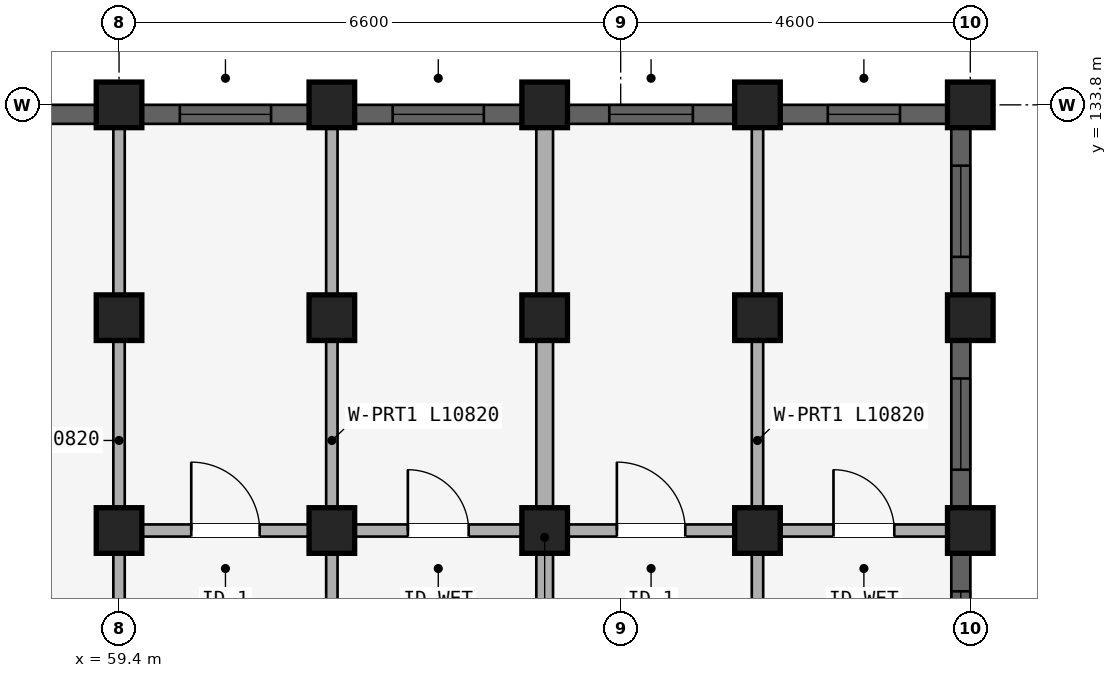
"""IFC4 building model, lengths in metres.
Left out: names, types, materials, properties, quantities, classifications, styles, units other than length and angle.
Written with IfcOpenShell. Run it as: python <this file> out.ifc"""

import sys

from ifc_helpers import new_model, si_unit, direction, frame, frame_2d, origin, origin_2d, place, context, subcontext, project, spatial, rectangle, extrude, element, fill, save


model = new_model("IFC4")
c1 = context("Model", 3, precision=1e-05, world=origin(), true_north=direction((0.0, 1.0)))
c2 = subcontext(c1, "Body", "Model", "MODEL_VIEW")
j1 = project(units=[si_unit("LENGTHUNIT", "METRE"), si_unit("PLANEANGLEUNIT", "RADIAN")], contexts=[c1])
p1 = place(None, origin())
s1 = spatial("IfcSite", under=j1, at=p1, CompositionType="ELEMENT")
p2 = place(p1, origin())
s2 = spatial("IfcBuilding", under=s1, at=p2, CompositionType="ELEMENT")
p3 = place(p2, frame((0.0, 0.0, 30.75)))
s3 = spatial("IfcBuildingStorey", under=s2, at=p3, CompositionType="ELEMENT", Elevation=30.75)
for number, where, z_axis, x_axis in (
    (1, (59.4, 128.2, 0.0), (0.0, 0.0, 1.0), (1.0, 0.0, 0.0)),
    (2, (59.4, 131.0, 0.0), (0.0, 0.0, 1.0), (1.0, 0.0, 0.0)),
    (3, (59.4, 133.8, 0.0), (0.0, 0.0, 1.0), (1.0, 0.0, 0.0)),
    (4, (62.2, 128.2, 0.0), (0.0, 0.0, 1.0), (1.0, 0.0, 0.0)),
    (5, (62.2, 131.0, 0.0), (0.0, 0.0, 1.0), (1.0, 0.0, 0.0)),
    (6, (62.2, 133.8, 0.0), (0.0, 0.0, 1.0), (1.0, 0.0, 0.0)),
    (7, (65.0, 128.2, 0.0), (0.0, 0.0, 1.0), (1.0, 0.0, 0.0)),
    (8, (65.0, 131.0, 0.0), (0.0, 0.0, 1.0), (1.0, 0.0, 0.0)),
    (9, (65.0, 133.8, 0.0), (0.0, 0.0, 1.0), (1.0, 0.0, 0.0)),
    (10, (67.8, 128.2, 0.0), (0.0, 0.0, 1.0), (1.0, 0.0, 0.0)),
    (11, (67.8, 131.0, 0.0), (0.0, 0.0, 1.0), (1.0, 0.0, 0.0)),
    (12, (67.8, 133.8, 0.0), (0.0, 0.0, 1.0), (1.0, 0.0, 0.0)),
    (13, (70.6, 128.2, 0.0), (0.0, 0.0, 1.0), (1.0, 0.0, 0.0)),
    (14, (70.6, 131.0, 0.0), (0.0, 0.0, 1.0), (1.0, 0.0, 0.0)),
    (15, (70.6, 133.8, 0.0), (0.0, 0.0, 1.0), (1.0, 0.0, 0.0)),
):
    element("IfcColumn", number, at=place(p3, frame(where, z_axis=z_axis, x_axis=x_axis)), inside=s3, PredefinedType="COLUMN", context=c2, shape_type="SweptSolid", body=[
        extrude(rectangle(XDim=0.6, YDim=0.6, at=origin_2d()), origin(), (0.0, 0.0, 1.0), 2.93),
    ])
p4 = place(p3, frame((59.48, 128.2, 0.0), z_axis=(0.0, 0.0, 1.0), x_axis=(1.0, 0.0, 0.0)))
e16 = element("IfcWall", 16, at=p4, inside=s3, PredefinedType="PLUMBINGWALL", context=c2, shape_type="SweptSolid", body=[
    extrude(rectangle(XDim=2.64, YDim=0.16, at=frame_2d((1.32, 0.0))), origin(), (0.0, 0.0, 1.0), 2.372),
])
p5 = place(p4, frame((0.87, 0.0, 0.0)))
e17 = element("IfcOpeningElement", 17, at=p5, cuts=e16, PredefinedType="OPENING", context=c2, shape_type="SweptSolid", body=[
    extrude(rectangle(XDim=0.9, YDim=2.1, at=frame_2d((0.45, 1.05))), frame((0.0, 0.09, 0.0), z_axis=(0.0, -1.0, 0.0), x_axis=(1.0, 0.0, 0.0)), (0.0, 0.0, 1.0), 0.18),
])
p6 = place(p3, frame((62.28, 128.2, 0.0), z_axis=(0.0, 0.0, 1.0), x_axis=(1.0, 0.0, 0.0)))
e18 = element("IfcWall", 18, at=p6, inside=s3, PredefinedType="PLUMBINGWALL", context=c2, shape_type="SweptSolid", body=[
    extrude(rectangle(XDim=2.64, YDim=0.16, at=frame_2d((1.32, 0.0))), origin(), (0.0, 0.0, 1.0), 2.372),
])
p7 = place(p6, frame((0.92, 0.0, 0.0)))
e19 = element("IfcOpeningElement", 19, at=p7, cuts=e18, PredefinedType="OPENING", context=c2, shape_type="SweptSolid", body=[
    extrude(rectangle(XDim=0.8, YDim=2.1, at=frame_2d((0.4, 1.05))), frame((0.0, 0.09, 0.0), z_axis=(0.0, -1.0, 0.0), x_axis=(1.0, 0.0, 0.0)), (0.0, 0.0, 1.0), 0.18),
])
p8 = place(p3, frame((65.08, 128.2, 0.0), z_axis=(0.0, 0.0, 1.0), x_axis=(1.0, 0.0, 0.0)))
e20 = element("IfcWall", 20, at=p8, inside=s3, PredefinedType="PLUMBINGWALL", context=c2, shape_type="SweptSolid", body=[
    extrude(rectangle(XDim=2.64, YDim=0.16, at=frame_2d((1.32, 0.0))), origin(), (0.0, 0.0, 1.0), 2.372),
])
p9 = place(p8, frame((0.87, 0.0, 0.0)))
e21 = element("IfcOpeningElement", 21, at=p9, cuts=e20, PredefinedType="OPENING", context=c2, shape_type="SweptSolid", body=[
    extrude(rectangle(XDim=0.9, YDim=2.1, at=frame_2d((0.45, 1.05))), frame((0.0, 0.09, 0.0), z_axis=(0.0, -1.0, 0.0), x_axis=(1.0, 0.0, 0.0)), (0.0, 0.0, 1.0), 0.18),
])
p10 = place(p3, frame((67.88, 128.2, 0.0), z_axis=(0.0, 0.0, 1.0), x_axis=(1.0, 0.0, 0.0)))
e22 = element("IfcWall", 22, at=p10, inside=s3, PredefinedType="PLUMBINGWALL", context=c2, shape_type="SweptSolid", body=[
    extrude(rectangle(XDim=2.64, YDim=0.16, at=frame_2d((1.32, 0.0))), origin(), (0.0, 0.0, 1.0), 2.372),
])
p11 = place(p10, frame((0.92, 0.0, 0.0)))
e23 = element("IfcOpeningElement", 23, at=p11, cuts=e22, PredefinedType="OPENING", context=c2, shape_type="SweptSolid", body=[
    extrude(rectangle(XDim=0.8, YDim=2.1, at=frame_2d((0.4, 1.05))), frame((0.0, 0.09, 0.0), z_axis=(0.0, -1.0, 0.0), x_axis=(1.0, 0.0, 0.0)), (0.0, 0.0, 1.0), 0.18),
])
p12 = place(p3, frame((59.4, 122.7, 0.0), z_axis=(0.0, 0.0, 1.0), x_axis=(0.0, 1.0, 0.0)))
e24 = element("IfcWall", 24, at=p12, inside=s3, PredefinedType="PARTITIONING", context=c2, shape_type="SweptSolid", body=[
    extrude(rectangle(XDim=10.82, YDim=0.15, at=frame_2d((5.41, 0.0))), origin(), (0.0, 0.0, 1.0), 2.372),
])
p13 = place(p12, frame((0.899, 0.0, 0.0)))
e25 = element("IfcOpeningElement", 25, at=p13, cuts=e24, PredefinedType="OPENING", context=c2, shape_type="SweptSolid", body=[
    extrude(rectangle(XDim=0.8, YDim=2.1, at=frame_2d((0.4, 1.05))), frame((0.0, 0.085, 0.0), z_axis=(0.0, -1.0, 0.0), x_axis=(1.0, 0.0, 0.0)), (0.0, 0.0, 1.0), 0.17),
])
p14 = place(p3, frame((62.2, 122.7, 0.0), z_axis=(0.0, 0.0, 1.0), x_axis=(0.0, 1.0, 0.0)))
e26 = element("IfcWall", 26, at=p14, inside=s3, PredefinedType="PARTITIONING", context=c2, shape_type="SweptSolid", body=[
    extrude(rectangle(XDim=10.82, YDim=0.15, at=frame_2d((5.41, 0.0))), origin(), (0.0, 0.0, 1.0), 2.372),
])
p15 = place(p14, frame((0.899, 0.0, 0.0)))
e27 = element("IfcOpeningElement", 27, at=p15, cuts=e26, PredefinedType="OPENING", context=c2, shape_type="SweptSolid", body=[
    extrude(rectangle(XDim=0.8, YDim=2.1, at=frame_2d((0.4, 1.05))), frame((0.0, 0.085, 0.0), z_axis=(0.0, -1.0, 0.0), x_axis=(1.0, 0.0, 0.0)), (0.0, 0.0, 1.0), 0.17),
])
p16 = place(p3, frame((65.0, 122.7, 0.0), z_axis=(0.0, 0.0, 1.0), x_axis=(0.0, 1.0, 0.0)))
e28 = element("IfcWall", 28, at=p16, inside=s3, PredefinedType="STANDARD", context=c2, shape_type="SweptSolid", body=[
    extrude(rectangle(XDim=10.82, YDim=0.22, at=frame_2d((5.41, 0.0))), origin(), (0.0, 0.0, 1.0), 2.372),
])
p17 = place(p3, frame((67.8, 122.7, 0.0), z_axis=(0.0, 0.0, 1.0), x_axis=(0.0, 1.0, 0.0)))
e29 = element("IfcWall", 29, at=p17, inside=s3, PredefinedType="PARTITIONING", context=c2, shape_type="SweptSolid", body=[
    extrude(rectangle(XDim=10.82, YDim=0.15, at=frame_2d((5.41, 0.0))), origin(), (0.0, 0.0, 1.0), 2.372),
])
p18 = place(p17, frame((0.899, 0.0, 0.0)))
e30 = element("IfcOpeningElement", 30, at=p18, cuts=e29, PredefinedType="OPENING", context=c2, shape_type="SweptSolid", body=[
    extrude(rectangle(XDim=0.8, YDim=2.1, at=frame_2d((0.4, 1.05))), frame((0.0, 0.085, 0.0), z_axis=(0.0, -1.0, 0.0), x_axis=(1.0, 0.0, 0.0)), (0.0, 0.0, 1.0), 0.17),
])
p19 = place(p3, frame((54.104, 133.675, 0.0), z_axis=(0.0, 0.0, 1.0), x_axis=(1.0, 0.0, 0.0)))
e31 = element("IfcWall", 31, at=p19, inside=s3, PredefinedType="STANDARD", context=c2, shape_type="SweptSolid", body=[
    extrude(rectangle(XDim=4.993, YDim=0.25, at=frame_2d((2.497, 0.0))), origin(), (0.0, 0.0, 1.0), 2.472),
])
p20 = place(p19, frame((2.021, 0.0, 0.88)))
e32 = element("IfcOpeningElement", 32, at=p20, cuts=e31, PredefinedType="OPENING", context=c2, shape_type="SweptSolid", body=[
    extrude(rectangle(XDim=0.95, YDim=1.35, at=frame_2d((0.475, 0.675))), frame((0.0, 0.135, 0.0), z_axis=(0.0, -1.0, 0.0), x_axis=(1.0, 0.0, 0.0)), (0.0, 0.0, 1.0), 0.27),
])
p21 = place(p3, frame((59.704, 133.675, 0.0), z_axis=(0.0, 0.0, 1.0), x_axis=(1.0, 0.0, 0.0)))
e33 = element("IfcWall", 33, at=p21, inside=s3, PredefinedType="STANDARD", context=c2, shape_type="SweptSolid", body=[
    extrude(rectangle(XDim=2.193, YDim=0.25, at=frame_2d((1.096, 0.0))), origin(), (0.0, 0.0, 1.0), 2.472),
])
p22 = place(p21, frame((0.497, 0.0, 0.772)))
e34 = element("IfcOpeningElement", 34, at=p22, cuts=e33, PredefinedType="OPENING", context=c2, shape_type="SweptSolid", body=[
    extrude(rectangle(XDim=1.2, YDim=1.5, at=frame_2d((0.6, 0.75))), frame((0.0, 0.135, 0.0), z_axis=(0.0, -1.0, 0.0), x_axis=(1.0, 0.0, 0.0)), (0.0, 0.0, 1.0), 0.27),
])
p23 = place(p3, frame((62.503, 133.675, 0.0), z_axis=(0.0, 0.0, 1.0), x_axis=(1.0, 0.0, 0.0)))
e35 = element("IfcWall", 35, at=p23, inside=s3, PredefinedType="STANDARD", context=c2, shape_type="SweptSolid", body=[
    extrude(rectangle(XDim=2.193, YDim=0.25, at=frame_2d((1.097, 0.0))), origin(), (0.0, 0.0, 1.0), 2.472),
])
p24 = place(p23, frame((0.497, 0.0, 0.772)))
e36 = element("IfcOpeningElement", 36, at=p24, cuts=e35, PredefinedType="OPENING", context=c2, shape_type="SweptSolid", body=[
    extrude(rectangle(XDim=1.2, YDim=1.5, at=frame_2d((0.6, 0.75))), frame((0.0, 0.135, 0.0), z_axis=(0.0, -1.0, 0.0), x_axis=(1.0, 0.0, 0.0)), (0.0, 0.0, 1.0), 0.27),
])
p25 = place(p3, frame((65.303, 133.675, 0.0), z_axis=(0.0, 0.0, 1.0), x_axis=(1.0, 0.0, 0.0)))
e37 = element("IfcWall", 37, at=p25, inside=s3, PredefinedType="STANDARD", context=c2, shape_type="SweptSolid", body=[
    extrude(rectangle(XDim=2.193, YDim=0.25, at=frame_2d((1.097, 0.0))), origin(), (0.0, 0.0, 1.0), 2.472),
])
p26 = place(p25, frame((0.546, 0.0, 0.822)))
e38 = element("IfcOpeningElement", 38, at=p26, cuts=e37, PredefinedType="OPENING", context=c2, shape_type="SweptSolid", body=[
    extrude(rectangle(XDim=1.1, YDim=1.45, at=frame_2d((0.55, 0.725))), frame((0.0, 0.135, 0.0), z_axis=(0.0, -1.0, 0.0), x_axis=(1.0, 0.0, 0.0)), (0.0, 0.0, 1.0), 0.27),
])
p27 = place(p3, frame((68.104, 133.675, 0.0), z_axis=(0.0, 0.0, 1.0), x_axis=(1.0, 0.0, 0.0)))
e39 = element("IfcWall", 39, at=p27, inside=s3, PredefinedType="STANDARD", context=c2, shape_type="SweptSolid", body=[
    extrude(rectangle(XDim=2.193, YDim=0.25, at=frame_2d((1.096, 0.0))), origin(), (0.0, 0.0, 1.0), 2.472),
])
p28 = place(p27, frame((0.622, 0.0, 0.88)))
e40 = element("IfcOpeningElement", 40, at=p28, cuts=e39, PredefinedType="OPENING", context=c2, shape_type="SweptSolid", body=[
    extrude(rectangle(XDim=0.95, YDim=1.35, at=frame_2d((0.475, 0.675))), frame((0.0, 0.135, 0.0), z_axis=(0.0, -1.0, 0.0), x_axis=(1.0, 0.0, 0.0)), (0.0, 0.0, 1.0), 0.27),
])
p29 = place(p3, frame((70.475, 125.704, 0.0), z_axis=(0.0, 0.0, 1.0), x_axis=(0.0, 1.0, 0.0)))
e41 = element("IfcWall", 41, at=p29, inside=s3, PredefinedType="STANDARD", context=c2, shape_type="SweptSolid", body=[
    extrude(rectangle(XDim=2.193, YDim=0.25, at=frame_2d((1.096, 0.0))), origin(), (0.0, 0.0, 1.0), 2.372),
])
p30 = place(p29, frame((0.497, 0.0, 0.672)))
e42 = element("IfcOpeningElement", 42, at=p30, cuts=e41, PredefinedType="OPENING", context=c2, shape_type="SweptSolid", body=[
    extrude(rectangle(XDim=1.2, YDim=1.5, at=frame_2d((0.6, 0.75))), frame((0.0, 0.135, 0.0), z_axis=(0.0, -1.0, 0.0), x_axis=(1.0, 0.0, 0.0)), (0.0, 0.0, 1.0), 0.27),
])
p31 = place(p3, frame((70.475, 128.503, 0.0), z_axis=(0.0, 0.0, 1.0), x_axis=(0.0, 1.0, 0.0)))
e43 = element("IfcWall", 43, at=p31, inside=s3, PredefinedType="STANDARD", context=c2, shape_type="SweptSolid", body=[
    extrude(rectangle(XDim=2.193, YDim=0.25, at=frame_2d((1.097, 0.0))), origin(), (0.0, 0.0, 1.0), 2.372),
])
p32 = place(p31, frame((0.497, 0.0, 0.672)))
e44 = element("IfcOpeningElement", 44, at=p32, cuts=e43, PredefinedType="OPENING", context=c2, shape_type="SweptSolid", body=[
    extrude(rectangle(XDim=1.2, YDim=1.5, at=frame_2d((0.6, 0.75))), frame((0.0, 0.135, 0.0), z_axis=(0.0, -1.0, 0.0), x_axis=(1.0, 0.0, 0.0)), (0.0, 0.0, 1.0), 0.27),
])
p33 = place(p3, frame((70.475, 131.303, 0.0), z_axis=(0.0, 0.0, 1.0), x_axis=(0.0, 1.0, 0.0)))
e45 = element("IfcWall", 45, at=p33, inside=s3, PredefinedType="STANDARD", context=c2, shape_type="SweptSolid", body=[
    extrude(rectangle(XDim=2.193, YDim=0.25, at=frame_2d((1.097, 0.0))), origin(), (0.0, 0.0, 1.0), 2.372),
])
p34 = place(p33, frame((0.497, 0.0, 0.672)))
e46 = element("IfcOpeningElement", 46, at=p34, cuts=e45, PredefinedType="OPENING", context=c2, shape_type="SweptSolid", body=[
    extrude(rectangle(XDim=1.2, YDim=1.5, at=frame_2d((0.6, 0.75))), frame((0.0, 0.135, 0.0), z_axis=(0.0, -1.0, 0.0), x_axis=(1.0, 0.0, 0.0)), (0.0, 0.0, 1.0), 0.27),
])
p35 = place(p22, origin())
e47 = element("IfcWindow", 47, at=p35, inside=s3, PartitioningType="SINGLE_PANEL", PredefinedType="WINDOW", context=c2, shape_type="SweptSolid", body=[
    extrude(rectangle(XDim=1.2, YDim=1.5, at=frame_2d((0.6, 0.75))), frame((0.0, 0.03, 0.0), z_axis=(0.0, -1.0, 0.0), x_axis=(1.0, 0.0, 0.0)), (0.0, 0.0, 1.0), 0.06),
])
fill(e34, e47)
p36 = place(p24, origin())
e48 = element("IfcWindow", 48, at=p36, inside=s3, PartitioningType="SINGLE_PANEL", PredefinedType="WINDOW", context=c2, shape_type="SweptSolid", body=[
    extrude(rectangle(XDim=1.2, YDim=1.5, at=frame_2d((0.6, 0.75))), frame((0.0, 0.03, 0.0), z_axis=(0.0, -1.0, 0.0), x_axis=(1.0, 0.0, 0.0)), (0.0, 0.0, 1.0), 0.06),
])
fill(e36, e48)
p37 = place(p26, origin())
e49 = element("IfcWindow", 49, at=p37, inside=s3, PartitioningType="SINGLE_PANEL", PredefinedType="WINDOW", context=c2, shape_type="SweptSolid", body=[
    extrude(rectangle(XDim=1.1, YDim=1.45, at=frame_2d((0.55, 0.725))), frame((0.0, 0.03, 0.0), z_axis=(0.0, -1.0, 0.0), x_axis=(1.0, 0.0, 0.0)), (0.0, 0.0, 1.0), 0.06),
])
fill(e38, e49)
p38 = place(p28, origin())
e50 = element("IfcWindow", 50, at=p38, inside=s3, PartitioningType="SINGLE_PANEL", PredefinedType="WINDOW", context=c2, shape_type="SweptSolid", body=[
    extrude(rectangle(XDim=0.95, YDim=1.35, at=frame_2d((0.475, 0.675))), frame((0.0, 0.03, 0.0), z_axis=(0.0, -1.0, 0.0), x_axis=(1.0, 0.0, 0.0)), (0.0, 0.0, 1.0), 0.06),
])
fill(e40, e50)
p39 = place(p30, origin())
e51 = element("IfcWindow", 51, at=p39, inside=s3, PartitioningType="SINGLE_PANEL", PredefinedType="WINDOW", context=c2, shape_type="SweptSolid", body=[
    extrude(rectangle(XDim=1.2, YDim=1.5, at=frame_2d((0.6, 0.75))), frame((0.0, 0.03, 0.0), z_axis=(0.0, -1.0, 0.0), x_axis=(1.0, 0.0, 0.0)), (0.0, 0.0, 1.0), 0.06),
])
fill(e42, e51)
p40 = place(p32, origin())
e52 = element("IfcWindow", 52, at=p40, inside=s3, PartitioningType="SINGLE_PANEL", PredefinedType="WINDOW", context=c2, shape_type="SweptSolid", body=[
    extrude(rectangle(XDim=1.2, YDim=1.5, at=frame_2d((0.6, 0.75))), frame((0.0, 0.03, 0.0), z_axis=(0.0, -1.0, 0.0), x_axis=(1.0, 0.0, 0.0)), (0.0, 0.0, 1.0), 0.06),
])
fill(e44, e52)
p41 = place(p34, origin())
e53 = element("IfcWindow", 53, at=p41, inside=s3, PartitioningType="SINGLE_PANEL", PredefinedType="WINDOW", context=c2, shape_type="SweptSolid", body=[
    extrude(rectangle(XDim=1.2, YDim=1.5, at=frame_2d((0.6, 0.75))), frame((0.0, 0.03, 0.0), z_axis=(0.0, -1.0, 0.0), x_axis=(1.0, 0.0, 0.0)), (0.0, 0.0, 1.0), 0.06),
])
fill(e46, e53)
p42 = place(p5, origin())
e54 = element("IfcDoor", 54, at=p42, inside=s3, OperationType="SINGLE_SWING_LEFT", PredefinedType="DOOR", context=c2, shape_type="SweptSolid", body=[
    extrude(rectangle(XDim=0.9, YDim=2.1, at=frame_2d((0.45, 1.05))), frame((0.0, 0.025, 0.0), z_axis=(0.0, -1.0, 0.0), x_axis=(1.0, 0.0, 0.0)), (0.0, 0.0, 1.0), 0.05),
])
fill(e17, e54)
p43 = place(p7, origin())
e55 = element("IfcDoor", 55, at=p43, inside=s3, OperationType="SINGLE_SWING_LEFT", PredefinedType="DOOR", context=c2, shape_type="SweptSolid", body=[
    extrude(rectangle(XDim=0.8, YDim=2.1, at=frame_2d((0.4, 1.05))), frame((0.0, 0.025, 0.0), z_axis=(0.0, -1.0, 0.0), x_axis=(1.0, 0.0, 0.0)), (0.0, 0.0, 1.0), 0.05),
])
fill(e19, e55)
p44 = place(p9, origin())
e56 = element("IfcDoor", 56, at=p44, inside=s3, OperationType="SINGLE_SWING_LEFT", PredefinedType="DOOR", context=c2, shape_type="SweptSolid", body=[
    extrude(rectangle(XDim=0.9, YDim=2.1, at=frame_2d((0.45, 1.05))), frame((0.0, 0.025, 0.0), z_axis=(0.0, -1.0, 0.0), x_axis=(1.0, 0.0, 0.0)), (0.0, 0.0, 1.0), 0.05),
])
fill(e21, e56)
p45 = place(p11, origin())
e57 = element("IfcDoor", 57, at=p45, inside=s3, OperationType="SINGLE_SWING_LEFT", PredefinedType="DOOR", context=c2, shape_type="SweptSolid", body=[
    extrude(rectangle(XDim=0.8, YDim=2.1, at=frame_2d((0.4, 1.05))), frame((0.0, 0.025, 0.0), z_axis=(0.0, -1.0, 0.0), x_axis=(1.0, 0.0, 0.0)), (0.0, 0.0, 1.0), 0.05),
])
fill(e23, e57)
save(model, sys.argv[1])
=====
Exercise details >>
Wherever a line of the entries holds the string "CompositionType", copy that line.

Problem solution >>
s1 = spatial("IfcSite", under=j1, at=p1, CompositionType="ELEMENT")
s2 = spatial("IfcBuilding", under=s1, at=p2, CompositionType="ELEMENT")
s3 = spatial("IfcBuildingStorey", under=s2, at=p3, CompositionType="ELEMENT", Elevation=30.75)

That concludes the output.